## WHAT IS REQUIRED:
Needed from the data below: every line from the one with "line L31 (-19.25, 48.25) -> (-9.25, 48.25)" up to and including the one with "line L35 (9.25, 48.25) -> (19.25, 48.25)", repeated exactly and with nothing else.

Recorded data:
——

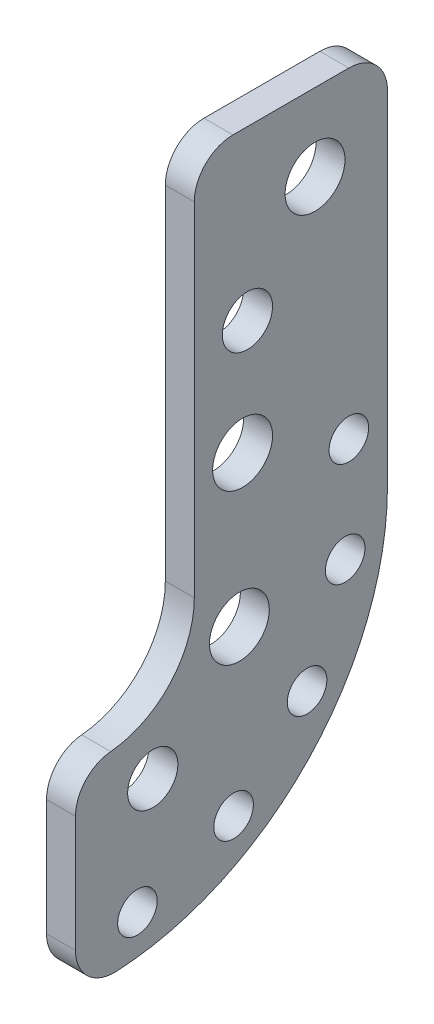
SolidWorks part; units mm, degrees
material "Thornel Mat VMA"
ref_plane "前视基准面" through (0, 0, 0) normal (0, 0, 1) x (1, 0, 0)
ref_plane "上视基准面" through (0, 0, 0) normal (0, 1, 0) x (1, 0, 0)
ref_plane "右视基准面" through (0, 0, 0) normal (1, 0, 0) x (0, 0, -1)
sketch "草图1" plane through (0, 0, 0) normal (1, 0, 0) x (0, 0, -1)
  line L0 (0, 0) -> (0, 48.25) construction
  line L1 (-9.25, 0) -> (-9.25, 19.75)
  line L2 (9.25, 0) -> (9.25, 19.75)
  line L3 (-24, -33.25) -> (-24, -37.75)
  line L4 (9.25, 19.75) -> (19.25, 19.75)
  line L5 (19.25, 19.75) -> (19.25, 0)
  line L6 (-24, -37.75) -> (6.7494, -37.75)
  line L7 (-24, -4.75) -> (-25.4, -4.75)
  line L8 (-25.4, -4.75) -> (-25.4, -14.75)
  line L9 (-25.4, -14.75) -> (-24, -14.75)
  line L10 (-19.25, 0) -> (-19.25, 19.75)
  line L11 (-19.25, 19.75) -> (-9.25, 19.75)
  line L12 (-24, 0) -> (11.1869, -2.1081) construction
  line L13 (-24, 0) -> (10.4888, -7.2859) construction
  line L14 (11.25, 3.1162) -> (11.25, 0) construction
  line L15 (-11.25, 0) -> (-11.25, 3.1162) construction
  line L16 (-24, 0) -> (-11.4381, -2.1822) construction
  line L17 (-24, 0) -> (-13.4117, -7.1029) construction
  line L18 (-24, -33.25) -> (-24, -14.75) construction
  line L19 (14, -37.75) -> (14, -27.25) construction
  line L20 (14, -27.25) -> (19.25, -27.25) construction
  line L21 (-24, 0) -> (-44, 0) construction
  line L22 (11.25, 3.1162) -> (11.1869, -2.1081) construction
  line L23 (10.4888, -7.2859) -> (11.1869, -2.1081) construction
  line L24 (-11.25, 3.1162) -> (-11.4381, -2.1822) construction
  line L25 (-11.4381, -2.1822) -> (-13.4117, -7.1029) construction
  line L26 (-25.4, -9.75) -> (-24, -9.75)
  line L27 (-14.25, 0) -> (-14.25, 19.75)
  line L28 (14.25, 0) -> (14.25, 19.75)
  line L29 (-17.8356, -34.7068) -> (-17.8356, -37.75) construction
  line L30 (-19.25, 19.75) -> (-19.25, 48.25)
  line L31 (-19.25, 48.25) -> (-9.25, 48.25)
  line L32 (19.25, 48.25) -> (19.25, 19.75)
  line L33 (9.25, 19.75) -> (9.25, 48.25)
  line L34 (-9.25, 19.75) -> (-9.25, 48.25)
  line L35 (9.25, 48.25) -> (19.25, 48.25)
  line L36 (-24, 0) -> (-1.8285, -34.25) construction
  line L37 (-24, 0) -> (16.5703, -4.3237) construction
  line L38 (-24, 0) -> (10.7567, -21.3684) construction
  line L39 (16.5703, -4.3237) -> (14.6157, -13.1708) construction
  line L40 (14.6157, -13.1708) -> (10.7567, -21.3684) construction
  line L41 (-14.25, 6.1162) -> (14.25, 6.1162)
  arc A0 (-24, -24) -> (0, 0) centre (-24, 0) ccw construction
  arc A1 (-24, -33.25) -> (9.25, 0) centre (-24, 0) ccw
  arc A2 (-24, -14.75) -> (-9.25, 0) centre (-24, 0) ccw
  arc A3 (6.7494, -37.75) -> (19.25, 0) centre (-44, 0) ccw
  arc A4 (-24, -4.75) -> (-19.25, 0) centre (-24, 0) ccw
  circle A5 centre (11.1869, -2.1081) radius 1.025
  circle A6 centre (10.4888, -7.2859) radius 1.025
  circle A7 centre (9.0331, -12.3036) radius 1.025
  circle A8 centre (6.8516, -17.0511) radius 1.025
  circle A9 centre (3.9925, -21.4239) radius 1.025
  circle A10 centre (0.5183, -25.3262) radius 1.025
  circle A11 centre (-3.4944, -28.672) radius 1.025
  circle A12 centre (-7.9577, -31.388) radius 1.025
  circle A13 centre (11.1869, -2.1081) radius 2.5 construction
  circle A14 centre (10.4888, -7.2859) radius 2.5 construction
  circle A15 centre (11.25, 3.1162) radius 1.025
  circle A16 centre (11.25, 3.1162) radius 2.5 construction
  arc A17 (11.25, 0) -> (-7.9577, -31.388) centre (-24, 0) cw construction
  arc A18 (-11.25, 0) -> (-22.1936, -12.6214) centre (-24, 0) cw construction
  circle A19 centre (-11.4381, -2.1822) radius 1.025
  circle A20 centre (-11.4381, -2.1822) radius 2.5 construction
  circle A21 centre (-13.4117, -7.1029) radius 1.025
  circle A22 centre (-17.2162, -10.7955) radius 1.025
  circle A23 centre (-22.1936, -12.6214) radius 1.025
  circle A25 centre (-11.25, 3.1162) radius 1.025
  circle A26 centre (-11.25, 3.1162) radius 2.5 construction
  circle A27 centre (-13.4117, -7.1029) radius 2.5 construction
  circle A28 centre (8, -29.75) radius 1.55
  circle A29 centre (9.0331, -12.3036) radius 2.5 construction
  circle A30 centre (6.8516, -17.0511) radius 2.5 construction
  circle A31 centre (3.9925, -21.4239) radius 2.5 construction
  circle A32 centre (0.5183, -25.3262) radius 2.5 construction
  circle A33 centre (-3.4944, -28.672) radius 2.5 construction
  circle A34 centre (-7.9577, -31.388) radius 2.5 construction
  circle A35 centre (-17.2162, -10.7955) radius 2.5 construction
  circle A36 centre (-22.1936, -12.6214) radius 2.5 construction
  arc A37 (-24, -9.75) -> (-14.25, 0) centre (-24, 0) ccw
  arc A38 (-17.8356, -37.75) -> (14.25, 0) centre (-24, 0) ccw
  arc A39 (-24, -38.25) -> (14.25, 0) centre (-24, 0) ccw construction
  circle A40 centre (-12.7733, -33.4144) radius 1.025
  circle A41 centre (-17.8356, -34.7068) radius 1.025
  circle A42 centre (-12.7733, -33.4144) radius 2.5 construction
  circle A43 centre (-17.8356, -34.7068) radius 2.5 construction
  circle A44 centre (-21.4, -7.0349) radius 1.3
  circle A45 centre (-16.9174, -2.467) radius 1.55
  arc A48 (-16.9174, -2.467) -> (-21.4, -7.0349) centre (-24, 0) cw construction
  arc A49 (16.5703, -4.3237) -> (-1.8285, -34.25) centre (-24, 0) cw construction
  circle A50 centre (16.5703, -4.3237) radius 1.3
  circle A51 centre (14.6157, -13.1708) radius 1.55
  circle A52 centre (10.7567, -21.3684) radius 1.3
  circle A53 centre (-1.8285, -34.25) radius 1.3
  circle A55 centre (16.75, 5.25) radius 1.55
  circle A56 centre (-16.75, 5.25) radius 1.55
  circle A57 centre (-13, 15.75) radius 1.55
  circle A58 centre (-13, 15.75) radius 2.5 construction
  circle A59 centre (13, 15.75) radius 1.55
  circle A60 centre (13, 15.75) radius 2.5 construction
  circle A61 centre (-16.5, 11.05) radius 1.3
  circle A62 centre (16.5, 11.05) radius 1.3
  point P120 (0, 0)
  point P121 (0, 0)
  dimension "D1" = 24
  dimension "D2" = 18.5
  dimension "D4" = 10
  dimension "D5" = 1.4
  dimension "D6" = 10
  dimension "D8" = 2.05
  dimension "D10" = 5
  dimension "D11" = 4
  dimension "D13" = 12.75
  dimension "D15" = 3.5
  dimension "D16" = 3.1
  dimension "D18" = 6
  dimension "D23" = 53
  dimension "D24" = 2.6
  dimension "D25" = 3.1
  dimension "D26" = 7.5
  dimension "D33" = 40.8
  dimension "D28" = 6.4
  dimension "D32" = 5
  dimension "D34" = 26
  dimension "D3" = 4.5
  dimension "D7" = 8.5
  dimension "D9" = 35.25
  dimension "D12" = 24
  dimension "D14" = 24.5
  dimension "D17" = 8
  dimension "D19" = 2.5
  dimension "D20" = 20
  dimension "D21" = 5
  dimension "D27" = 4
  dimension "D29" = 2.5
  dimension "D30" = 14.5
  dimension "D31" = 32
  dimension "D35" = 51
  dimension "D36" = 3
  dimension "D37" = 4
  dimension "D38" = 5.8
  dimension "D39" = 33
  dimension "D22" = 5
extrude "凸台-拉伸1" add sketch "草图1" along normal blind 1.5
fillet "R2 圆角1" radius 2 4 edges at (0.75, 19.75, 19.25) (0.75, 19.75, 9.25) (0.75, -4.75, 25.4) (0.75, -14.75, 25.4)

——

## ANSWER TO THIS PROBLEM:
  line L31 (-19.25, 48.25) -> (-9.25, 48.25)
  line L32 (19.25, 48.25) -> (19.25, 19.75)
  line L33 (9.25, 19.75) -> (9.25, 48.25)
  line L34 (-9.25, 19.75) -> (-9.25, 48.25)
  line L35 (9.25, 48.25) -> (19.25, 48.25)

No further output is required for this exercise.